Exercise — From the data below, retype exactly the lines starting with the one that contains "from ifc_helpers import" and ending with the one that contains "10.65, 0.0), z_axis=(0.0, 0.0, 1.0), x_axis=(1.0, 0.0, 0.0)))", both included.

Information supplied —
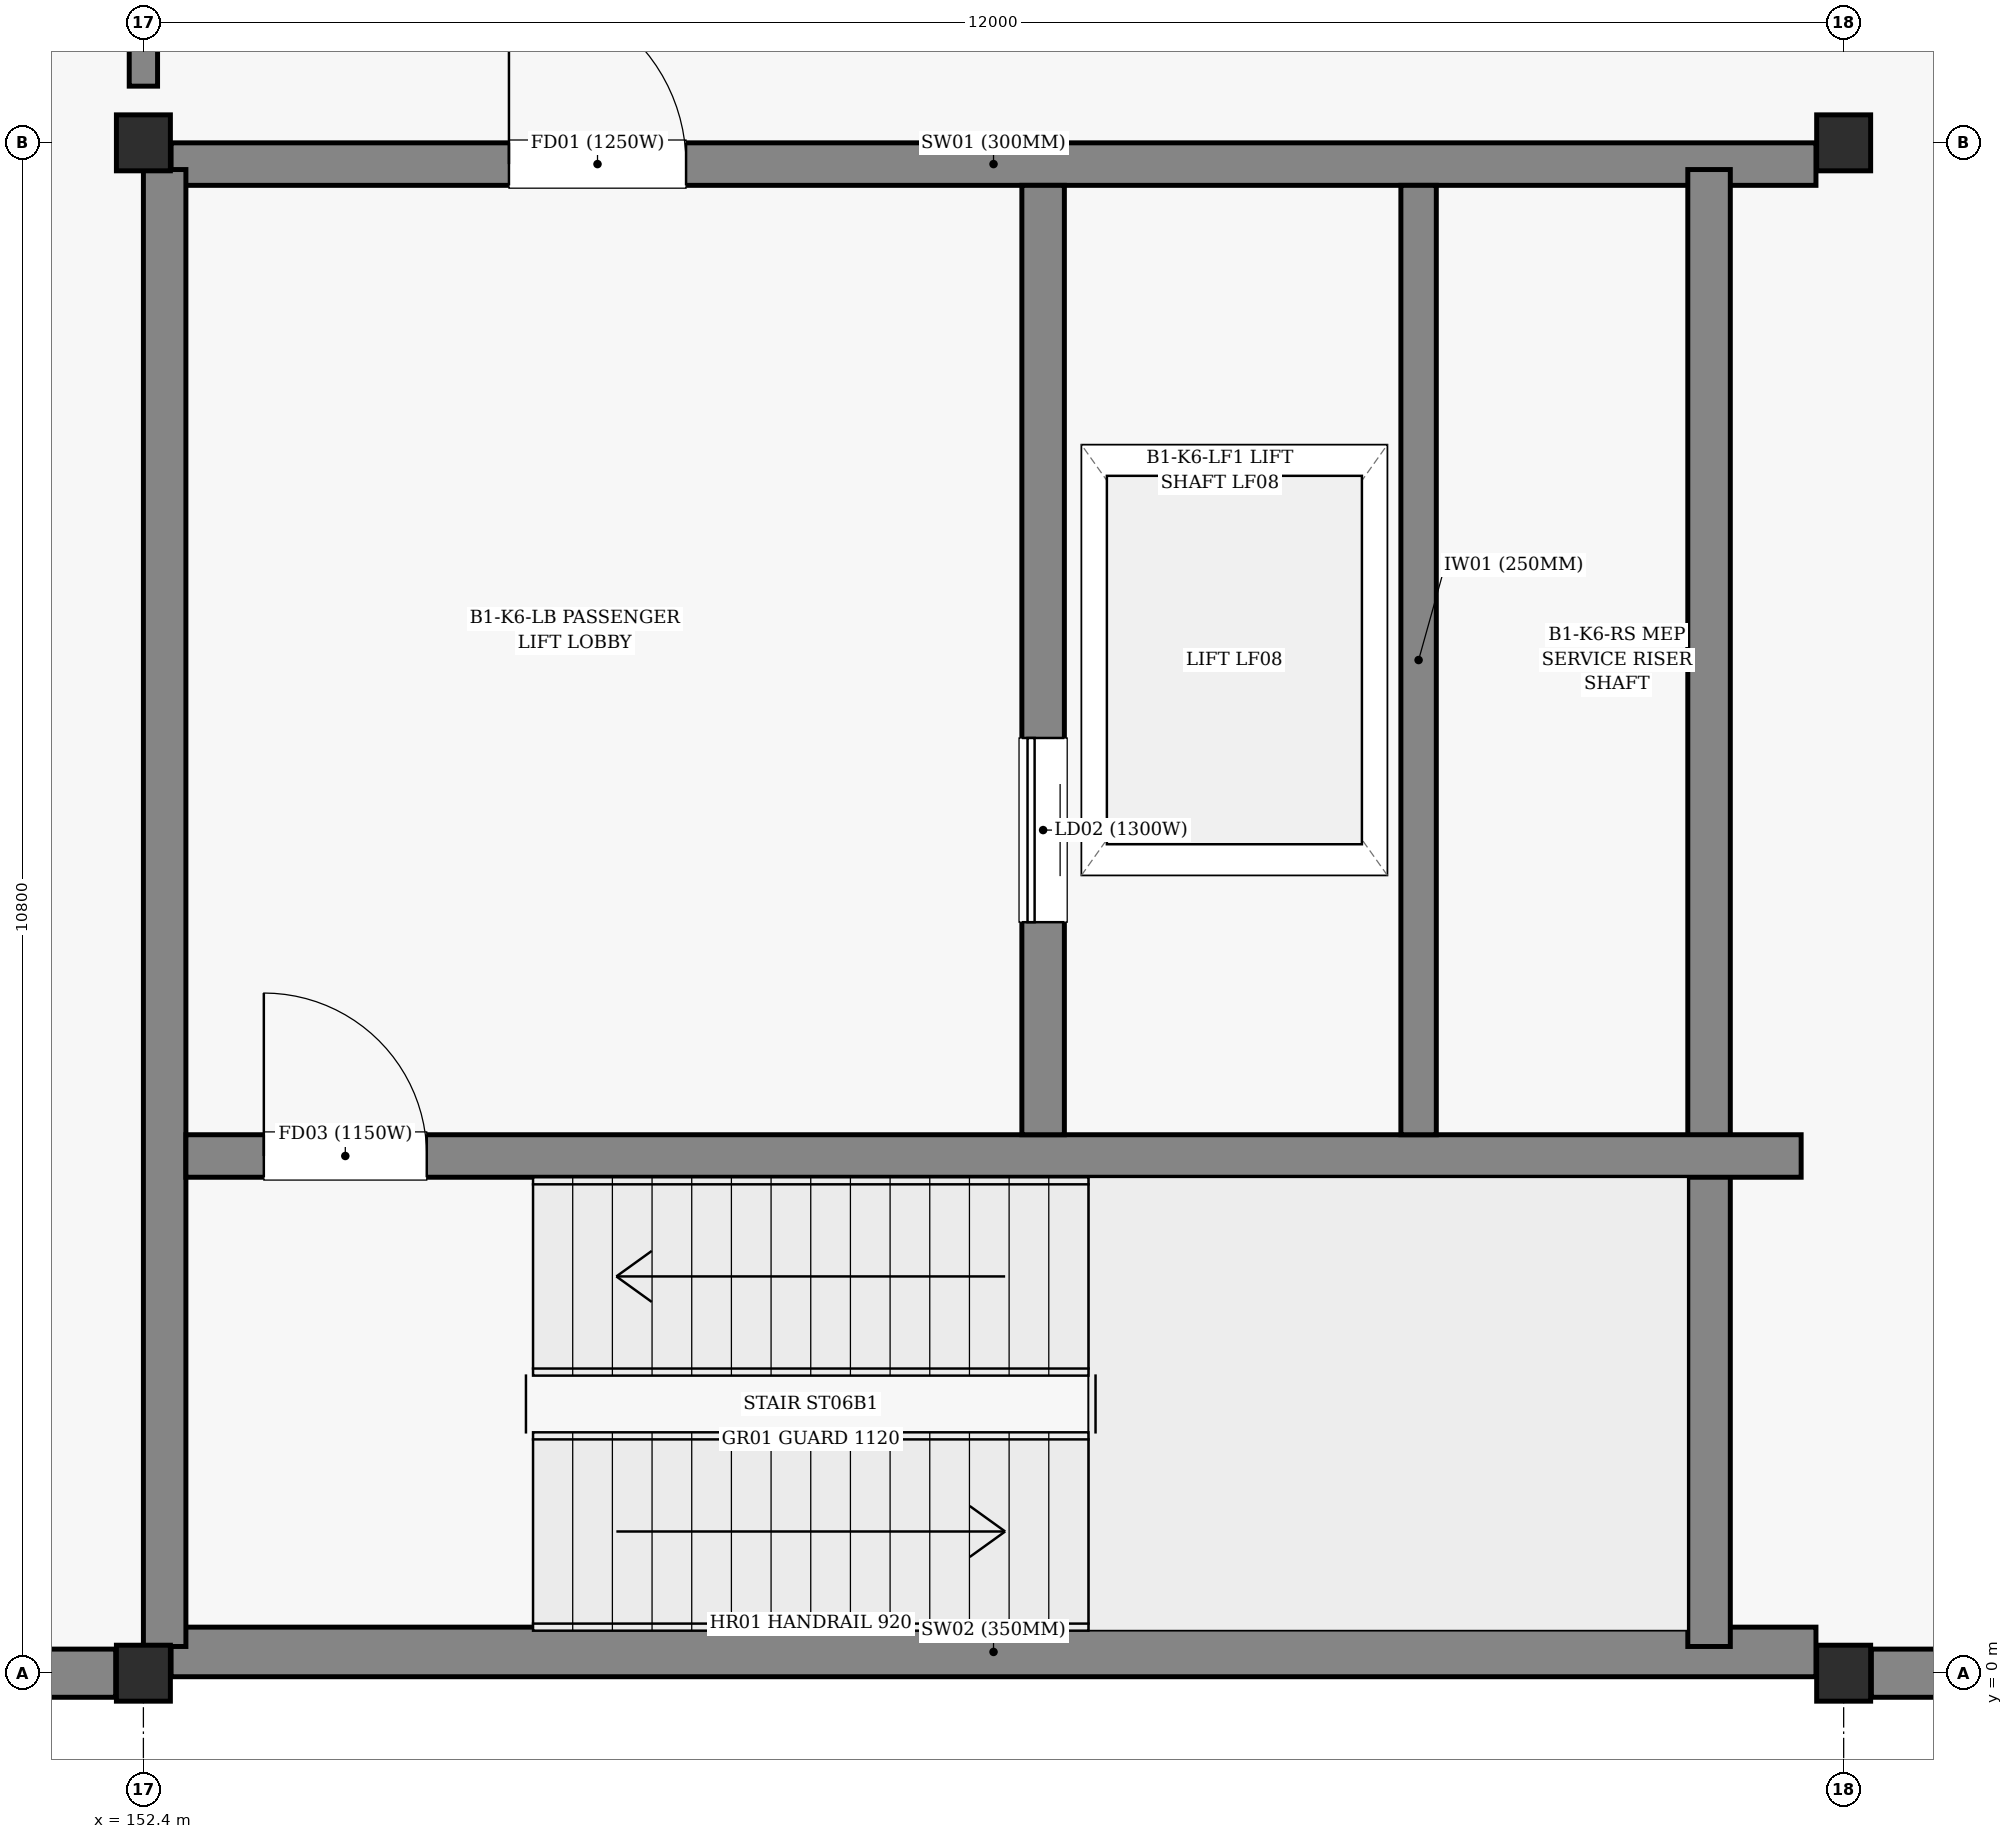
"""IFC4 building model, lengths in metres.
Left out: names, types, materials, properties, quantities, classifications, styles, units other than length and angle.
Written with IfcOpenShell. Run it as: python <this file> out.ifc"""

import sys

from ifc_helpers import new_model, si_unit, direction, frame, frame_2d, origin, origin_2d, place, context, subcontext, project, spatial, rectangle, i_section, extrude, element, fill, save


model = new_model("IFC4")
c1 = context("Model", 3, precision=1e-05, world=origin(), true_north=direction((0.0, 1.0)))
c2 = subcontext(c1, "Body", "Model", "MODEL_VIEW")
j1 = project(units=[si_unit("LENGTHUNIT", "METRE"), si_unit("PLANEANGLEUNIT", "RADIAN")], contexts=[c1])
p1 = place(None, origin())
s1 = spatial("IfcSite", under=j1, at=p1, CompositionType="ELEMENT")
p2 = place(p1, origin())
s2 = spatial("IfcBuilding", under=s1, at=p2, CompositionType="ELEMENT")
p3 = place(p2, frame((0.0, 0.0, -5.4)))
s3 = spatial("IfcBuildingStorey", under=s2, at=p3, CompositionType="ELEMENT", Elevation=-5.4)
for number, where, z_axis, x_axis in (
    (1, (152.4, 0.0, 0.0), (0.0, 0.0, 1.0), (1.0, 0.0, 0.0)),
    (2, (152.4, 10.8, 0.0), (0.0, 0.0, 1.0), (1.0, 0.0, 0.0)),
    (3, (164.4, 0.0, 0.0), (0.0, 0.0, 1.0), (1.0, 0.0, 0.0)),
    (4, (164.4, 10.8, 0.0), (0.0, 0.0, 1.0), (1.0, 0.0, 0.0)),
):
    element("IfcColumn", number, at=place(p3, frame(where, z_axis=z_axis, x_axis=x_axis)), inside=s3, PredefinedType="COLUMN", context=c2, shape_type="SweptSolid", body=[
        extrude(i_section(OverallWidth=0.395, OverallDepth=0.381, WebThickness=0.018, FlangeThickness=0.03, FilletRadius=0.015, at=origin_2d()), origin(), (0.0, 0.0, 1.0), 5.4),
    ])
for number, where, z_axis, x_axis in (
    (5, (140.595, 0.0, 0.0), (0.0, 0.0, 1.0), (1.0, 0.0, 0.0)),
    (6, (164.595, 0.0, 0.0), (0.0, 0.0, 1.0), (1.0, 0.0, 0.0)),
):
    element("IfcWall", number, at=place(p3, frame(where, z_axis=z_axis, x_axis=x_axis)), inside=s3, PredefinedType="USERDEFINED", context=c2, shape_type="SweptSolid", body=[
        extrude(rectangle(XDim=11.609, YDim=0.34, at=frame_2d((5.805, 0.0))), origin(), (0.0, 0.0, 1.0), 4.06),
    ])
p4 = place(p3, frame((152.595, 0.15, 0.0), z_axis=(0.0, 0.0, 1.0), x_axis=(1.0, 0.0, 0.0)))
e7 = element("IfcWall", 7, at=p4, inside=s3, PredefinedType="SHEAR", context=c2, shape_type="SweptSolid", body=[
    extrude(rectangle(XDim=11.609, YDim=0.35, at=frame_2d((5.805, 0.0))), origin(), (0.0, 0.0, 1.0), 5.12),
])
p5 = place(p3, frame((152.595, 10.65, 0.0), z_axis=(0.0, 0.0, 1.0), x_axis=(1.0, 0.0, 0.0)))
e8 = element("IfcWall", 8, at=p5, inside=s3, PredefinedType="SHEAR", context=c2, shape_type="SweptSolid", body=[
    extrude(rectangle(XDim=11.609, YDim=0.3, at=frame_2d((5.805, 0.0))), origin(), (0.0, 0.0, 1.0), 5.12),
])
p6 = place(p5, frame((2.385, 0.0, 0.0)))
e9 = element("IfcOpeningElement", 9, at=p6, cuts=e8, PredefinedType="OPENING", context=c2, shape_type="SweptSolid", body=[
    extrude(rectangle(XDim=1.25, YDim=2.15, at=frame_2d((0.625, 1.075))), frame((0.0, 0.16, 0.0), z_axis=(0.0, -1.0, 0.0), x_axis=(1.0, 0.0, 0.0)), (0.0, 0.0, 1.0), 0.32),
])
for number, where, z_axis, x_axis in (
    (10, (152.55, 0.188, 0.0), (0.0, 0.0, 1.0), (0.0, 1.0, 0.0)),
    (11, (163.45, 0.188, 0.0), (0.0, 0.0, 1.0), (0.0, 1.0, 0.0)),
):
    element("IfcWall", number, at=place(p3, frame(where, z_axis=z_axis, x_axis=x_axis)), inside=s3, PredefinedType="SHEAR", context=c2, shape_type="SweptSolid", body=[
        extrude(rectangle(XDim=10.423, YDim=0.3, at=frame_2d((5.211, 0.0))), origin(), (0.0, 0.0, 1.0), 5.12),
    ])
p7 = place(p3, frame((152.7, 3.65, 0.0), z_axis=(0.0, 0.0, 1.0), x_axis=(1.0, 0.0, 0.0)))
e12 = element("IfcWall", 12, at=p7, inside=s3, PredefinedType="SHEAR", context=c2, shape_type="SweptSolid", body=[
    extrude(rectangle(XDim=11.4, YDim=0.3, at=frame_2d((5.7, 0.0))), origin(), (0.0, 0.0, 1.0), 5.12),
])
p8 = place(p7, frame((0.55, 0.0, 0.0)))
e13 = element("IfcOpeningElement", 13, at=p8, cuts=e12, PredefinedType="OPENING", context=c2, shape_type="SweptSolid", body=[
    extrude(rectangle(XDim=1.15, YDim=2.15, at=frame_2d((0.575, 1.075))), frame((0.0, 0.16, 0.0), z_axis=(0.0, -1.0, 0.0), x_axis=(1.0, 0.0, 0.0)), (0.0, 0.0, 1.0), 0.32),
])
p9 = place(p3, frame((158.75, 3.8, 0.0), z_axis=(0.0, 0.0, 1.0), x_axis=(0.0, 1.0, 0.0)))
e14 = element("IfcWall", 14, at=p9, inside=s3, PredefinedType="SHEAR", context=c2, shape_type="SweptSolid", body=[
    extrude(rectangle(XDim=6.7, YDim=0.3, at=frame_2d((3.35, 0.0))), origin(), (0.0, 0.0, 1.0), 5.12),
])
p10 = place(p9, frame((1.5, 0.0, 0.0)))
e15 = element("IfcOpeningElement", 15, at=p10, cuts=e14, PredefinedType="OPENING", context=c2, shape_type="SweptSolid", body=[
    extrude(rectangle(XDim=1.3, YDim=2.3, at=frame_2d((0.65, 1.15))), frame((0.0, 0.16, 0.0), z_axis=(0.0, -1.0, 0.0), x_axis=(1.0, 0.0, 0.0)), (0.0, 0.0, 1.0), 0.32),
])
p11 = place(p3, frame((161.4, 3.8, 0.0), z_axis=(0.0, 0.0, 1.0), x_axis=(0.0, 1.0, 0.0)))
e16 = element("IfcWall", 16, at=p11, inside=s3, PredefinedType="PARTITIONING", context=c2, shape_type="SweptSolid", body=[
    extrude(rectangle(XDim=6.7, YDim=0.25, at=frame_2d((3.35, 0.0))), origin(), (0.0, 0.0, 1.0), 4.025),
])
p12 = place(p3, frame((152.4, 11.2, 0.0), z_axis=(0.0, 0.0, 1.0), x_axis=(0.0, 1.0, 0.0)))
e17 = element("IfcWall", 17, at=p12, inside=s3, PredefinedType="PARTITIONING", context=c2, shape_type="SweptSolid", body=[
    extrude(rectangle(XDim=26.8, YDim=0.2, at=frame_2d((13.4, 0.0))), origin(), (0.0, 0.0, 1.0), 4.025),
])
p13 = place(p12, frame((4.5, 0.0, 0.0)))
e18 = element("IfcOpeningElement", 18, at=p13, cuts=e17, PredefinedType="OPENING", context=c2, shape_type="SweptSolid", body=[
    extrude(rectangle(XDim=1.6, YDim=2.25, at=frame_2d((0.8, 1.125))), frame((0.0, 0.11, 0.0), z_axis=(0.0, -1.0, 0.0), x_axis=(1.0, 0.0, 0.0)), (0.0, 0.0, 1.0), 0.22),
])
p14 = place(p6, origin())
e19 = element("IfcDoor", 19, at=p14, inside=s3, OperationType="SINGLE_SWING_LEFT", PredefinedType="DOOR", context=c2, shape_type="SweptSolid", body=[
    extrude(rectangle(XDim=1.25, YDim=2.15, at=frame_2d((0.625, 1.075))), frame((0.0, 0.025, 0.0), z_axis=(0.0, -1.0, 0.0), x_axis=(1.0, 0.0, 0.0)), (0.0, 0.0, 1.0), 0.05),
])
fill(e9, e19)
p15 = place(p8, origin())
e20 = element("IfcDoor", 20, at=p15, inside=s3, OperationType="SINGLE_SWING_LEFT", PredefinedType="DOOR", context=c2, shape_type="SweptSolid", body=[
    extrude(rectangle(XDim=1.15, YDim=2.15, at=frame_2d((0.575, 1.075))), frame((0.0, 0.025, 0.0), z_axis=(0.0, -1.0, 0.0), x_axis=(1.0, 0.0, 0.0)), (0.0, 0.0, 1.0), 0.05),
])
fill(e13, e20)
p16 = place(p10, origin())
e21 = element("IfcDoor", 21, at=p16, inside=s3, OperationType="SLIDING_TO_LEFT", PredefinedType="DOOR", context=c2, shape_type="SweptSolid", body=[
    extrude(rectangle(XDim=1.3, YDim=2.3, at=frame_2d((0.65, 1.15))), frame((0.0, 0.025, 0.0), z_axis=(0.0, -1.0, 0.0), x_axis=(1.0, 0.0, 0.0)), (0.0, 0.0, 1.0), 0.05),
])
fill(e15, e21)
save(model, sys.argv[1])

Result of the exercise —
from ifc_helpers import new_model, si_unit, direction, frame, frame_2d, origin, origin_2d, place, context, subcontext, project, spatial, rectangle, i_section, extrude, element, fill, save


model = new_model("IFC4")
c1 = context("Model", 3, precision=1e-05, world=origin(), true_north=direction((0.0, 1.0)))
c2 = subcontext(c1, "Body", "Model", "MODEL_VIEW")
j1 = project(units=[si_unit("LENGTHUNIT", "METRE"), si_unit("PLANEANGLEUNIT", "RADIAN")], contexts=[c1])
p1 = place(None, origin())
s1 = spatial("IfcSite", under=j1, at=p1, CompositionType="ELEMENT")
p2 = place(p1, origin())
s2 = spatial("IfcBuilding", under=s1, at=p2, CompositionType="ELEMENT")
p3 = place(p2, frame((0.0, 0.0, -5.4)))
s3 = spatial("IfcBuildingStorey", under=s2, at=p3, CompositionType="ELEMENT", Elevation=-5.4)
for number, where, z_axis, x_axis in (
    (1, (152.4, 0.0, 0.0), (0.0, 0.0, 1.0), (1.0, 0.0, 0.0)),
    (2, (152.4, 10.8, 0.0), (0.0, 0.0, 1.0), (1.0, 0.0, 0.0)),
    (3, (164.4, 0.0, 0.0), (0.0, 0.0, 1.0), (1.0, 0.0, 0.0)),
    (4, (164.4, 10.8, 0.0), (0.0, 0.0, 1.0), (1.0, 0.0, 0.0)),
):
    element("IfcColumn", number, at=place(p3, frame(where, z_axis=z_axis, x_axis=x_axis)), inside=s3, PredefinedType="COLUMN", context=c2, shape_type="SweptSolid", body=[
        extrude(i_section(OverallWidth=0.395, OverallDepth=0.381, WebThickness=0.018, FlangeThickness=0.03, FilletRadius=0.015, at=origin_2d()), origin(), (0.0, 0.0, 1.0), 5.4),
    ])
for number, where, z_axis, x_axis in (
    (5, (140.595, 0.0, 0.0), (0.0, 0.0, 1.0), (1.0, 0.0, 0.0)),
    (6, (164.595, 0.0, 0.0), (0.0, 0.0, 1.0), (1.0, 0.0, 0.0)),
):
    element("IfcWall", number, at=place(p3, frame(where, z_axis=z_axis, x_axis=x_axis)), inside=s3, PredefinedType="USERDEFINED", context=c2, shape_type="SweptSolid", body=[
        extrude(rectangle(XDim=11.609, YDim=0.34, at=frame_2d((5.805, 0.0))), origin(), (0.0, 0.0, 1.0), 4.06),
    ])
p4 = place(p3, frame((152.595, 0.15, 0.0), z_axis=(0.0, 0.0, 1.0), x_axis=(1.0, 0.0, 0.0)))
e7 = element("IfcWall", 7, at=p4, inside=s3, PredefinedType="SHEAR", context=c2, shape_type="SweptSolid", body=[
    extrude(rectangle(XDim=11.609, YDim=0.35, at=frame_2d((5.805, 0.0))), origin(), (0.0, 0.0, 1.0), 5.12),
])
p5 = place(p3, frame((152.595, 10.65, 0.0), z_axis=(0.0, 0.0, 1.0), x_axis=(1.0, 0.0, 0.0)))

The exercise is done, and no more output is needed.